__TASK DESCRIPTION__.
Repeat exactly the line that contains "p14 = place(p13, frame((11.68, 0.0, 0.85)))" and every line below it to the end of the material, omitting all others.

__INPUT RECORDS__.
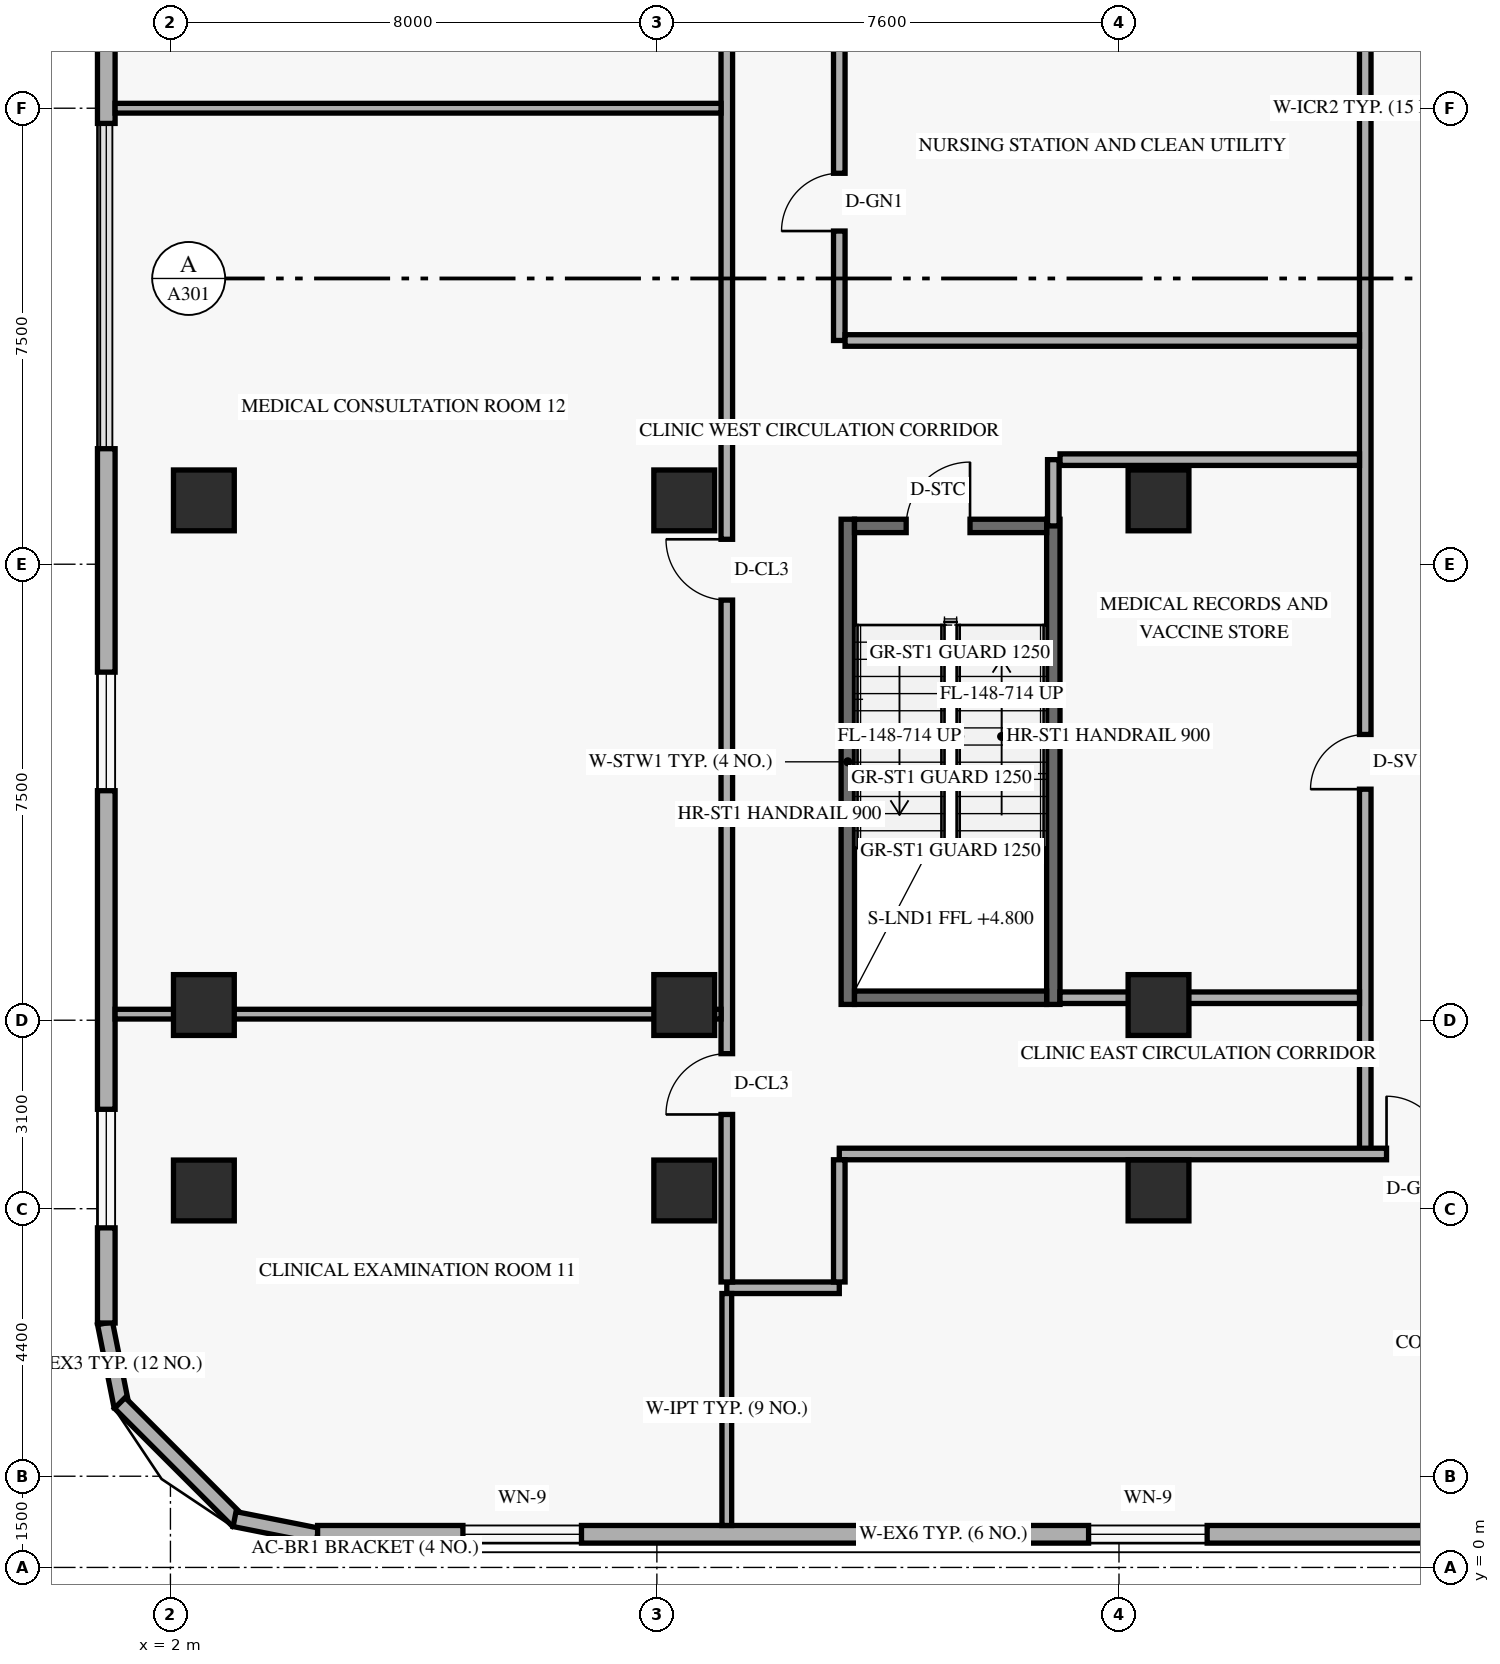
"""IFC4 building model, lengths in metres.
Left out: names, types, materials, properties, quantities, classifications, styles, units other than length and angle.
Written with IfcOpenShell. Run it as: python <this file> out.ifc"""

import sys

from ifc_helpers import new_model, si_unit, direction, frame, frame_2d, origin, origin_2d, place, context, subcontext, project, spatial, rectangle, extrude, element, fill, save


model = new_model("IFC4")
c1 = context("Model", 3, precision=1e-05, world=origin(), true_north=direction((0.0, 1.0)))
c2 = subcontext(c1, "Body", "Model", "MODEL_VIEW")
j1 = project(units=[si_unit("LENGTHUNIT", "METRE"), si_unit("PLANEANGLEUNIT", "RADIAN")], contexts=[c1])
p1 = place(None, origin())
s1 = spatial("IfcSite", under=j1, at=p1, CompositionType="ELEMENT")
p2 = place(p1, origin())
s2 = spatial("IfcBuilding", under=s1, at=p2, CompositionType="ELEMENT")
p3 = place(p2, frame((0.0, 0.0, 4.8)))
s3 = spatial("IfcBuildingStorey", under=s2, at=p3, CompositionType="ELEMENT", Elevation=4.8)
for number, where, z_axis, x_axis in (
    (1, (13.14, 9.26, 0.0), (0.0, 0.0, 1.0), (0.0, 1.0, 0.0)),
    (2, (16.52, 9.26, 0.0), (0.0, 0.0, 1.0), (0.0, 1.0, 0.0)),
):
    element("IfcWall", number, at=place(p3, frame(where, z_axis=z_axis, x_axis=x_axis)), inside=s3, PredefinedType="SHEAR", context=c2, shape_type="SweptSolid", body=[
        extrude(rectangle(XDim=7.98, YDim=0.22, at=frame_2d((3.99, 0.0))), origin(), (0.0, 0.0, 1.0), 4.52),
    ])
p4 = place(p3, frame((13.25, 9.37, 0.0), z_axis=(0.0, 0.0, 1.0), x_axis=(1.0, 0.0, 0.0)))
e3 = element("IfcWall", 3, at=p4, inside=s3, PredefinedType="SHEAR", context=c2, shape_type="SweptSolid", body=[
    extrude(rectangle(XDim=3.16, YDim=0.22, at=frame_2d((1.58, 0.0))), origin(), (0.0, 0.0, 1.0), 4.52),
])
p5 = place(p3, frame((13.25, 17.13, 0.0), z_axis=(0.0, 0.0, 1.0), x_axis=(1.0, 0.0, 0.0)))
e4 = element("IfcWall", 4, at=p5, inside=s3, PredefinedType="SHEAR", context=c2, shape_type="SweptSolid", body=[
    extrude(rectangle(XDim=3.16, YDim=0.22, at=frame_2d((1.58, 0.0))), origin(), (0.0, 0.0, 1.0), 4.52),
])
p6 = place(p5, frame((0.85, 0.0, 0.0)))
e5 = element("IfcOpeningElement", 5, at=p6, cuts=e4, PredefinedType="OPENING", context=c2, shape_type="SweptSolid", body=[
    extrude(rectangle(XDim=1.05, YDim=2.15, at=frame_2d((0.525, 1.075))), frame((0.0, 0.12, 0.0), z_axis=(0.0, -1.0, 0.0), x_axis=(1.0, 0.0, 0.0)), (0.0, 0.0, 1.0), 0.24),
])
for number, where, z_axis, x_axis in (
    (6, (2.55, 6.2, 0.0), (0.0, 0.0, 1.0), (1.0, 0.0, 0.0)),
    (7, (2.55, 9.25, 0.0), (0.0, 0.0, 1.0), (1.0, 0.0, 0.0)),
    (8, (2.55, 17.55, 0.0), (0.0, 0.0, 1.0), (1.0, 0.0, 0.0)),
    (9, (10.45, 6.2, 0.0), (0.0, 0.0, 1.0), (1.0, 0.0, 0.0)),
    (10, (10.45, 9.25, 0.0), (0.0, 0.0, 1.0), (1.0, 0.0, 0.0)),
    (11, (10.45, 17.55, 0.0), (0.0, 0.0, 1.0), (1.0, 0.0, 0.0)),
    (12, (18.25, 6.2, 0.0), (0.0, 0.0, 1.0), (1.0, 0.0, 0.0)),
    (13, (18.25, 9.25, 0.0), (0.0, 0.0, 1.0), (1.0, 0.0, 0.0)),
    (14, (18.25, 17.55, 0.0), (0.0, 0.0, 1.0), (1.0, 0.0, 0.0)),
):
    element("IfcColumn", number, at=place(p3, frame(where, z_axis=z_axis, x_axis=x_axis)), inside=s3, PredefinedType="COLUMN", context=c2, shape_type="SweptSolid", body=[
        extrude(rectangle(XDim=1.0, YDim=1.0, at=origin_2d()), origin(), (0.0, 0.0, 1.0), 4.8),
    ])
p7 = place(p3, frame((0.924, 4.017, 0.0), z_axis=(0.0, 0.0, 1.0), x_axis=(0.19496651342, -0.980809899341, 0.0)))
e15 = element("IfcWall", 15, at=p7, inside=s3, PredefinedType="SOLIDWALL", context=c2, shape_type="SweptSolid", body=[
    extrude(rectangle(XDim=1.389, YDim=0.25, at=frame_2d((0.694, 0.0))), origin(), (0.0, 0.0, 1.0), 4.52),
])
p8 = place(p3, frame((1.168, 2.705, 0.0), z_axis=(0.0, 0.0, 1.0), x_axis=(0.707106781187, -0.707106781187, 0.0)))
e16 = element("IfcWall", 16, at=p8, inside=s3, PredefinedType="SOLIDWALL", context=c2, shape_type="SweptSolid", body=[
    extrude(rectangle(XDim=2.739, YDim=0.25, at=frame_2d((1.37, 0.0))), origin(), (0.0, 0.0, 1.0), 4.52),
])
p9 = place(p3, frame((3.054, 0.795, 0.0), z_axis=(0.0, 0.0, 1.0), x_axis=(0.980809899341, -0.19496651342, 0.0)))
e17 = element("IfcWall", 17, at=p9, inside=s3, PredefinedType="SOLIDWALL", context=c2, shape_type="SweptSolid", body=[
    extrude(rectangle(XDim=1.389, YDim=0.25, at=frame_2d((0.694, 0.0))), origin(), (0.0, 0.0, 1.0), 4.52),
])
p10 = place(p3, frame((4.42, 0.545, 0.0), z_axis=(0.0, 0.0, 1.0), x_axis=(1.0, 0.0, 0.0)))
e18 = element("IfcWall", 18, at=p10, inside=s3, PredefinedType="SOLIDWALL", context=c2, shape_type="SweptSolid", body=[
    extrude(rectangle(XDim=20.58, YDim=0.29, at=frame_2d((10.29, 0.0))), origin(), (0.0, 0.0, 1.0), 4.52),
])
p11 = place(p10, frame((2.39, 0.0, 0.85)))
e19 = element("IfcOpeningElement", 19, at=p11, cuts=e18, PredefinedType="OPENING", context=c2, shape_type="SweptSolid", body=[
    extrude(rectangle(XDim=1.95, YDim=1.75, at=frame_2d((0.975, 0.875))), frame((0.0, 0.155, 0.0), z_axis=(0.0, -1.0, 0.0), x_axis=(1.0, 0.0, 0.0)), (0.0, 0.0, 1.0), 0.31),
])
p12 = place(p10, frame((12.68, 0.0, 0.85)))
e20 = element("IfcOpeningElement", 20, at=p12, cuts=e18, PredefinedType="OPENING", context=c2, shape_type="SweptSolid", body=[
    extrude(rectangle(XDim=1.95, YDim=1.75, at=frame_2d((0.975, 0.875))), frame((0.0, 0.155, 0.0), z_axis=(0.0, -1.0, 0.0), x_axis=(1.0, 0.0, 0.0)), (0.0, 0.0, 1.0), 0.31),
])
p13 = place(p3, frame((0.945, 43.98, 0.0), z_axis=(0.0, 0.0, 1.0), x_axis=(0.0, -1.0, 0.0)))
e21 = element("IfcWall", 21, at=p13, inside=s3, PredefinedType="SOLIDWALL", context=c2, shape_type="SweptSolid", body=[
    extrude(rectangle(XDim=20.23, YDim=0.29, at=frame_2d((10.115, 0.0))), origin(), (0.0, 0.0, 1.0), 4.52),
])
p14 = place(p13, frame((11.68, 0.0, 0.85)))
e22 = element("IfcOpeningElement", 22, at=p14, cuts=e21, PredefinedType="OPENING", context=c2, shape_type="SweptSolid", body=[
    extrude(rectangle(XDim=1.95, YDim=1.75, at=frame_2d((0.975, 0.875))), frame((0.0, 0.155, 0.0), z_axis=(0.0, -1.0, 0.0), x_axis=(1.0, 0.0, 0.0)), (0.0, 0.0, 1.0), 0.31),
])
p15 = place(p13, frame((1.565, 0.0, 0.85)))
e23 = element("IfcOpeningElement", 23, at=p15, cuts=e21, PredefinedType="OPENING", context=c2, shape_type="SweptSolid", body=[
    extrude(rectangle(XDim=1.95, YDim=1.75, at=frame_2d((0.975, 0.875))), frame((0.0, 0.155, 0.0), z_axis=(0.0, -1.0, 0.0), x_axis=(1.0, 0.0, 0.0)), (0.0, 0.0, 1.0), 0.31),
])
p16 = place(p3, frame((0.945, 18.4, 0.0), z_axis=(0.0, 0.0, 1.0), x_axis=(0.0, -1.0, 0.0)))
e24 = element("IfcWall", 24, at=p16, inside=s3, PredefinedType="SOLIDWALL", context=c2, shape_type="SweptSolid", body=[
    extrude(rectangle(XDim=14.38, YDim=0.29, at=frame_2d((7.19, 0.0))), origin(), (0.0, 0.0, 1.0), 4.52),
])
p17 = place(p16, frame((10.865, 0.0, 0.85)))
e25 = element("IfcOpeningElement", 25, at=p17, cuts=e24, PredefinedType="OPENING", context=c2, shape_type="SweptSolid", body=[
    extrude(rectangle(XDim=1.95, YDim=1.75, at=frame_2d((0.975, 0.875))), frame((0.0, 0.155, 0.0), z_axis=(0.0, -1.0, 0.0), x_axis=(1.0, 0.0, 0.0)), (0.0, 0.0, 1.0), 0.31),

__RESULT BELOW__.
p14 = place(p13, frame((11.68, 0.0, 0.85)))
e22 = element("IfcOpeningElement", 22, at=p14, cuts=e21, PredefinedType="OPENING", context=c2, shape_type="SweptSolid", body=[
    extrude(rectangle(XDim=1.95, YDim=1.75, at=frame_2d((0.975, 0.875))), frame((0.0, 0.155, 0.0), z_axis=(0.0, -1.0, 0.0), x_axis=(1.0, 0.0, 0.0)), (0.0, 0.0, 1.0), 0.31),
])
p15 = place(p13, frame((1.565, 0.0, 0.85)))
e23 = element("IfcOpeningElement", 23, at=p15, cuts=e21, PredefinedType="OPENING", context=c2, shape_type="SweptSolid", body=[
    extrude(rectangle(XDim=1.95, YDim=1.75, at=frame_2d((0.975, 0.875))), frame((0.0, 0.155, 0.0), z_axis=(0.0, -1.0, 0.0), x_axis=(1.0, 0.0, 0.0)), (0.0, 0.0, 1.0), 0.31),
])
p16 = place(p3, frame((0.945, 18.4, 0.0), z_axis=(0.0, 0.0, 1.0), x_axis=(0.0, -1.0, 0.0)))
e24 = element("IfcWall", 24, at=p16, inside=s3, PredefinedType="SOLIDWALL", context=c2, shape_type="SweptSolid", body=[
    extrude(rectangle(XDim=14.38, YDim=0.29, at=frame_2d((7.19, 0.0))), origin(), (0.0, 0.0, 1.0), 4.52),
])
p17 = place(p16, frame((10.865, 0.0, 0.85)))
e25 = element("IfcOpeningElement", 25, at=p17, cuts=e24, PredefinedType="OPENING", context=c2, shape_type="SweptSolid", body=[
    extrude(rectangle(XDim=1.95, YDim=1.75, at=frame_2d((0.975, 0.875))), frame((0.0, 0.155, 0.0), z_axis=(0.0, -1.0, 0.0), x_axis=(1.0, 0.0, 0.0)), (0.0, 0.0, 1.0), 0.31),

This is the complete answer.